**Prompt:**
What is needed is a faithful transcription of all the data below, pictures excluded.

(Dataset items)
^^^^

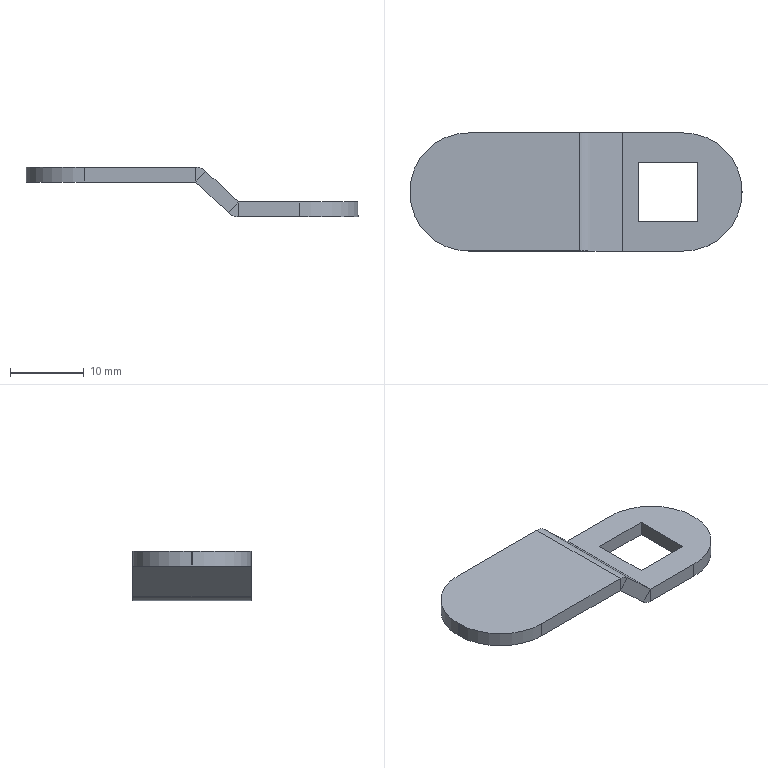Component | SolidWorks | LeftDoorPanelAssembly-1_LockPlate-1 | 1 solid | 30 faces | box 45 x 16 x 6.7 mm | volume 1262 mm3 | plane 22 | cylinder 8 | commonest cylinder face diameters 15.8 x4 0.08 x2 4.08 x2
STEP:
#1=COLOUR_RGB('',0.7922,0.8196,0.9333);
#2=FILL_AREA_STYLE_COLOUR('',#1);
#3=FILL_AREA_STYLE('',(#2));
#4=SURFACE_STYLE_FILL_AREA(#3);
#5=SURFACE_SIDE_STYLE('',(#4));
#6=SURFACE_STYLE_USAGE(.BOTH.,#5);
#7=PRESENTATION_STYLE_ASSIGNMENT((#6));
#8=CARTESIAN_POINT('',(-0.2747,0.2182,-2.108));
#9=VERTEX_POINT('',#8);
#10=CARTESIAN_POINT('',(-0.2208,0.2182,-2.051));
#11=VERTEX_POINT('',#10);
#12=CARTESIAN_POINT('',(-0.2747,0.2182,-2.108));
#13=DIRECTION('',(0.6849,0.,0.7286));
#14=VECTOR('',#13,39.37);
#15=LINE('',#12,#14);
#16=EDGE_CURVE('',#9,#11,#15,.T.);
#17=ORIENTED_EDGE('',*,*,#16,.F.);
#18=CARTESIAN_POINT('',(-0.2197,0.2182,-2.13));
#19=VERTEX_POINT('',#18);
#20=CARTESIAN_POINT('',(-0.2197,0.2182,-2.05));
#21=DIRECTION('',(-0.,1.,-0.));
#22=DIRECTION('',(-1.,-0.,-0.));
#23=AXIS2_PLACEMENT_3D('',#20,#21,#22);
#24=CIRCLE('',#23,0.08031);
#25=EDGE_CURVE('',#19,#9,#24,.T.);
#26=ORIENTED_EDGE('',*,*,#25,.F.);
#27=CARTESIAN_POINT('',(-0.2197,0.2182,-2.051));
#28=VERTEX_POINT('',#27);
#29=CARTESIAN_POINT('',(-0.2197,0.2182,-2.051));
#30=DIRECTION('',(0.,-0.,-1.));
#31=VECTOR('',#30,39.37);
#32=LINE('',#29,#31);
#33=EDGE_CURVE('',#28,#19,#32,.T.);
#34=ORIENTED_EDGE('',*,*,#33,.F.);
#35=CARTESIAN_POINT('',(-0.2197,0.2182,-2.05));
#36=DIRECTION('',(-0.,1.,-0.));
#37=DIRECTION('',(-1.,0.,0.));
#38=AXIS2_PLACEMENT_3D('',#35,#36,#37);
#39=CIRCLE('',#38,0.001575);
#40=EDGE_CURVE('',#28,#11,#39,.T.);
#41=ORIENTED_EDGE('',*,*,#40,.T.);
#42=EDGE_LOOP('',(#17,#26,#34,#41));
#43=FACE_OUTER_BOUND('',#42,.T.);
#44=CARTESIAN_POINT('',(-0.2747,0.2182,-2.108));
#45=DIRECTION('',(0.,-1.,0.));
#46=DIRECTION('',(-1.,-0.,-0.));
#47=AXIS2_PLACEMENT_3D('',#44,#45,#46);
#48=PLANE('',#47);
#49=ADVANCED_FACE('',(#43),#48,.T.);
#50=CARTESIAN_POINT('',(-0.4479,0.2182,-1.945));
#51=VERTEX_POINT('',#50);
#52=CARTESIAN_POINT('',(-0.2515,0.2182,-2.13));
#53=DIRECTION('',(-0.7286,0.,0.6849));
#54=VECTOR('',#53,39.37);
#55=LINE('',#52,#54);
#56=EDGE_CURVE('',#9,#51,#55,.T.);
#57=ORIENTED_EDGE('',*,*,#56,.F.);
#58=ORIENTED_EDGE('',*,*,#16,.T.);
#59=CARTESIAN_POINT('',(-0.394,0.2182,-1.888));
#60=VERTEX_POINT('',#59);
#61=CARTESIAN_POINT('',(-0.1976,0.2182,-2.073));
#62=DIRECTION('',(-0.7286,0.,0.6849));
#63=VECTOR('',#62,39.37);
#64=LINE('',#61,#63);
#65=EDGE_CURVE('',#11,#60,#64,.T.);
#66=ORIENTED_EDGE('',*,*,#65,.T.);
#67=CARTESIAN_POINT('',(-0.394,0.2182,-1.888));
#68=DIRECTION('',(-0.6849,-0.,-0.7286));
#69=VECTOR('',#68,39.37);
#70=LINE('',#67,#69);
#71=EDGE_CURVE('',#60,#51,#70,.T.);
#72=ORIENTED_EDGE('',*,*,#71,.T.);
#73=EDGE_LOOP('',(#57,#58,#66,#72));
#74=FACE_OUTER_BOUND('',#73,.T.);
#75=CARTESIAN_POINT('',(-0.2197,0.2182,-2.051));
#76=DIRECTION('',(0.,-1.,0.));
#77=DIRECTION('',(-1.,-0.,-0.));
#78=AXIS2_PLACEMENT_3D('',#75,#76,#77);
#79=PLANE('',#78);
#80=ADVANCED_FACE('',(#74),#79,.T.);
#81=CARTESIAN_POINT('',(-0.2197,0.8481,-2.13));
#82=VERTEX_POINT('',#81);
#83=CARTESIAN_POINT('',(-0.2197,0.8481,-2.051));
#84=VERTEX_POINT('',#83);
#85=CARTESIAN_POINT('',(-0.2197,0.8481,-2.13));
#86=DIRECTION('',(-0.,0.,1.));
#87=VECTOR('',#86,39.37);
#88=LINE('',#85,#87);
#89=EDGE_CURVE('',#82,#84,#88,.T.);
#90=ORIENTED_EDGE('',*,*,#89,.F.);
#91=CARTESIAN_POINT('',(-0.2747,0.8481,-2.108));
#92=VERTEX_POINT('',#91);
#93=CARTESIAN_POINT('',(-0.2197,0.8481,-2.05));
#94=DIRECTION('',(-0.,1.,-0.));
#95=DIRECTION('',(-1.,-0.,-0.));
#96=AXIS2_PLACEMENT_3D('',#93,#94,#95);
#97=CIRCLE('',#96,0.08031);
#98=EDGE_CURVE('',#82,#92,#97,.T.);
#99=ORIENTED_EDGE('',*,*,#98,.T.);
#100=CARTESIAN_POINT('',(-0.2208,0.8481,-2.051));
#101=VERTEX_POINT('',#100);
#102=CARTESIAN_POINT('',(-0.2208,0.8481,-2.051));
#103=DIRECTION('',(-0.6849,-0.,-0.7286));
#104=VECTOR('',#103,39.37);
#105=LINE('',#102,#104);
#106=EDGE_CURVE('',#101,#92,#105,.T.);
#107=ORIENTED_EDGE('',*,*,#106,.F.);
#108=CARTESIAN_POINT('',(-0.2197,0.8481,-2.05));
#109=DIRECTION('',(-0.,1.,-0.));
#110=DIRECTION('',(-1.,0.,0.));
#111=AXIS2_PLACEMENT_3D('',#108,#109,#110);
#112=CIRCLE('',#111,0.001575);
#113=EDGE_CURVE('',#84,#101,#112,.T.);
#114=ORIENTED_EDGE('',*,*,#113,.F.);
#115=EDGE_LOOP('',(#90,#99,#107,#114));
#116=FACE_OUTER_BOUND('',#115,.T.);
#117=CARTESIAN_POINT('',(-0.2197,0.8481,-2.13));
#118=DIRECTION('',(-0.,1.,-0.));
#119=DIRECTION('',(1.,0.,0.));
#120=AXIS2_PLACEMENT_3D('',#117,#118,#119);
#121=PLANE('',#120);
#122=ADVANCED_FACE('',(#116),#121,.T.);
#123=CARTESIAN_POINT('',(0.1068,0.8481,-2.051));
#124=VERTEX_POINT('',#123);
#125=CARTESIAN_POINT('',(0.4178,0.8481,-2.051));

^^^^

**Solution to the problem:**
Component | SolidWorks | LeftDoorPanelAssembly-1_LockPlate-1 | 1 solid | 30 faces | box 45 x 16 x 6.7 mm | volume 1262 mm3 | plane 22 | cylinder 8 | commonest cylinder face diameters 15.8 x4 0.08 x2 4.08 x2
STEP:
#1=COLOUR_RGB('',0.7922,0.8196,0.9333);
#2=FILL_AREA_STYLE_COLOUR('',#1);
#3=FILL_AREA_STYLE('',(#2));
#4=SURFACE_STYLE_FILL_AREA(#3);
#5=SURFACE_SIDE_STYLE('',(#4));
#6=SURFACE_STYLE_USAGE(.BOTH.,#5);
#7=PRESENTATION_STYLE_ASSIGNMENT((#6));
#8=CARTESIAN_POINT('',(-0.2747,0.2182,-2.108));
#9=VERTEX_POINT('',#8);
#10=CARTESIAN_POINT('',(-0.2208,0.2182,-2.051));
#11=VERTEX_POINT('',#10);
#12=CARTESIAN_POINT('',(-0.2747,0.2182,-2.108));
#13=DIRECTION('',(0.6849,0.,0.7286));
#14=VECTOR('',#13,39.37);
#15=LINE('',#12,#14);
#16=EDGE_CURVE('',#9,#11,#15,.T.);
#17=ORIENTED_EDGE('',*,*,#16,.F.);
#18=CARTESIAN_POINT('',(-0.2197,0.2182,-2.13));
#19=VERTEX_POINT('',#18);
#20=CARTESIAN_POINT('',(-0.2197,0.2182,-2.05));
#21=DIRECTION('',(-0.,1.,-0.));
#22=DIRECTION('',(-1.,-0.,-0.));
#23=AXIS2_PLACEMENT_3D('',#20,#21,#22);
#24=CIRCLE('',#23,0.08031);
#25=EDGE_CURVE('',#19,#9,#24,.T.);
#26=ORIENTED_EDGE('',*,*,#25,.F.);
#27=CARTESIAN_POINT('',(-0.2197,0.2182,-2.051));
#28=VERTEX_POINT('',#27);
#29=CARTESIAN_POINT('',(-0.2197,0.2182,-2.051));
#30=DIRECTION('',(0.,-0.,-1.));
#31=VECTOR('',#30,39.37);
#32=LINE('',#29,#31);
#33=EDGE_CURVE('',#28,#19,#32,.T.);
#34=ORIENTED_EDGE('',*,*,#33,.F.);
#35=CARTESIAN_POINT('',(-0.2197,0.2182,-2.05));
#36=DIRECTION('',(-0.,1.,-0.));
#37=DIRECTION('',(-1.,0.,0.));
#38=AXIS2_PLACEMENT_3D('',#35,#36,#37);
#39=CIRCLE('',#38,0.001575);
#40=EDGE_CURVE('',#28,#11,#39,.T.);
#41=ORIENTED_EDGE('',*,*,#40,.T.);
#42=EDGE_LOOP('',(#17,#26,#34,#41));
#43=FACE_OUTER_BOUND('',#42,.T.);
#44=CARTESIAN_POINT('',(-0.2747,0.2182,-2.108));
#45=DIRECTION('',(0.,-1.,0.));
#46=DIRECTION('',(-1.,-0.,-0.));
#47=AXIS2_PLACEMENT_3D('',#44,#45,#46);
#48=PLANE('',#47);
#49=ADVANCED_FACE('',(#43),#48,.T.);
#50=CARTESIAN_POINT('',(-0.4479,0.2182,-1.945));
#51=VERTEX_POINT('',#50);
#52=CARTESIAN_POINT('',(-0.2515,0.2182,-2.13));
#53=DIRECTION('',(-0.7286,0.,0.6849));
#54=VECTOR('',#53,39.37);
#55=LINE('',#52,#54);
#56=EDGE_CURVE('',#9,#51,#55,.T.);
#57=ORIENTED_EDGE('',*,*,#56,.F.);
#58=ORIENTED_EDGE('',*,*,#16,.T.);
#59=CARTESIAN_POINT('',(-0.394,0.2182,-1.888));
#60=VERTEX_POINT('',#59);
#61=CARTESIAN_POINT('',(-0.1976,0.2182,-2.073));
#62=DIRECTION('',(-0.7286,0.,0.6849));
#63=VECTOR('',#62,39.37);
#64=LINE('',#61,#63);
#65=EDGE_CURVE('',#11,#60,#64,.T.);
#66=ORIENTED_EDGE('',*,*,#65,.T.);
#67=CARTESIAN_POINT('',(-0.394,0.2182,-1.888));
#68=DIRECTION('',(-0.6849,-0.,-0.7286));
#69=VECTOR('',#68,39.37);
#70=LINE('',#67,#69);
#71=EDGE_CURVE('',#60,#51,#70,.T.);
#72=ORIENTED_EDGE('',*,*,#71,.T.);
#73=EDGE_LOOP('',(#57,#58,#66,#72));
#74=FACE_OUTER_BOUND('',#73,.T.);
#75=CARTESIAN_POINT('',(-0.2197,0.2182,-2.051));
#76=DIRECTION('',(0.,-1.,0.));
#77=DIRECTION('',(-1.,-0.,-0.));
#78=AXIS2_PLACEMENT_3D('',#75,#76,#77);
#79=PLANE('',#78);
#80=ADVANCED_FACE('',(#74),#79,.T.);
#81=CARTESIAN_POINT('',(-0.2197,0.8481,-2.13));
#82=VERTEX_POINT('',#81);
#83=CARTESIAN_POINT('',(-0.2197,0.8481,-2.051));
#84=VERTEX_POINT('',#83);
#85=CARTESIAN_POINT('',(-0.2197,0.8481,-2.13));
#86=DIRECTION('',(-0.,0.,1.));
#87=VECTOR('',#86,39.37);
#88=LINE('',#85,#87);
#89=EDGE_CURVE('',#82,#84,#88,.T.);
#90=ORIENTED_EDGE('',*,*,#89,.F.);
#91=CARTESIAN_POINT('',(-0.2747,0.8481,-2.108));
#92=VERTEX_POINT('',#91);
#93=CARTESIAN_POINT('',(-0.2197,0.8481,-2.05));
#94=DIRECTION('',(-0.,1.,-0.));
#95=DIRECTION('',(-1.,-0.,-0.));
#96=AXIS2_PLACEMENT_3D('',#93,#94,#95);
#97=CIRCLE('',#96,0.08031);
#98=EDGE_CURVE('',#82,#92,#97,.T.);
#99=ORIENTED_EDGE('',*,*,#98,.T.);
#100=CARTESIAN_POINT('',(-0.2208,0.8481,-2.051));
#101=VERTEX_POINT('',#100);
#102=CARTESIAN_POINT('',(-0.2208,0.8481,-2.051));
#103=DIRECTION('',(-0.6849,-0.,-0.7286));
#104=VECTOR('',#103,39.37);
#105=LINE('',#102,#104);
#106=EDGE_CURVE('',#101,#92,#105,.T.);
#107=ORIENTED_EDGE('',*,*,#106,.F.);
#108=CARTESIAN_POINT('',(-0.2197,0.8481,-2.05));
#109=DIRECTION('',(-0.,1.,-0.));
#110=DIRECTION('',(-1.,0.,0.));
#111=AXIS2_PLACEMENT_3D('',#108,#109,#110);
#112=CIRCLE('',#111,0.001575);
#113=EDGE_CURVE('',#84,#101,#112,.T.);
#114=ORIENTED_EDGE('',*,*,#113,.F.);
#115=EDGE_LOOP('',(#90,#99,#107,#114));
#116=FACE_OUTER_BOUND('',#115,.T.);
#117=CARTESIAN_POINT('',(-0.2197,0.8481,-2.13));
#118=DIRECTION('',(-0.,1.,-0.));
#119=DIRECTION('',(1.,0.,0.));
#120=AXIS2_PLACEMENT_3D('',#117,#118,#119);
#121=PLANE('',#120);
#122=ADVANCED_FACE('',(#116),#121,.T.);
#123=CARTESIAN_POINT('',(0.1068,0.8481,-2.051));
#124=VERTEX_POINT('',#123);
#125=CARTESIAN_POINT('',(0.4178,0.8481,-2.051));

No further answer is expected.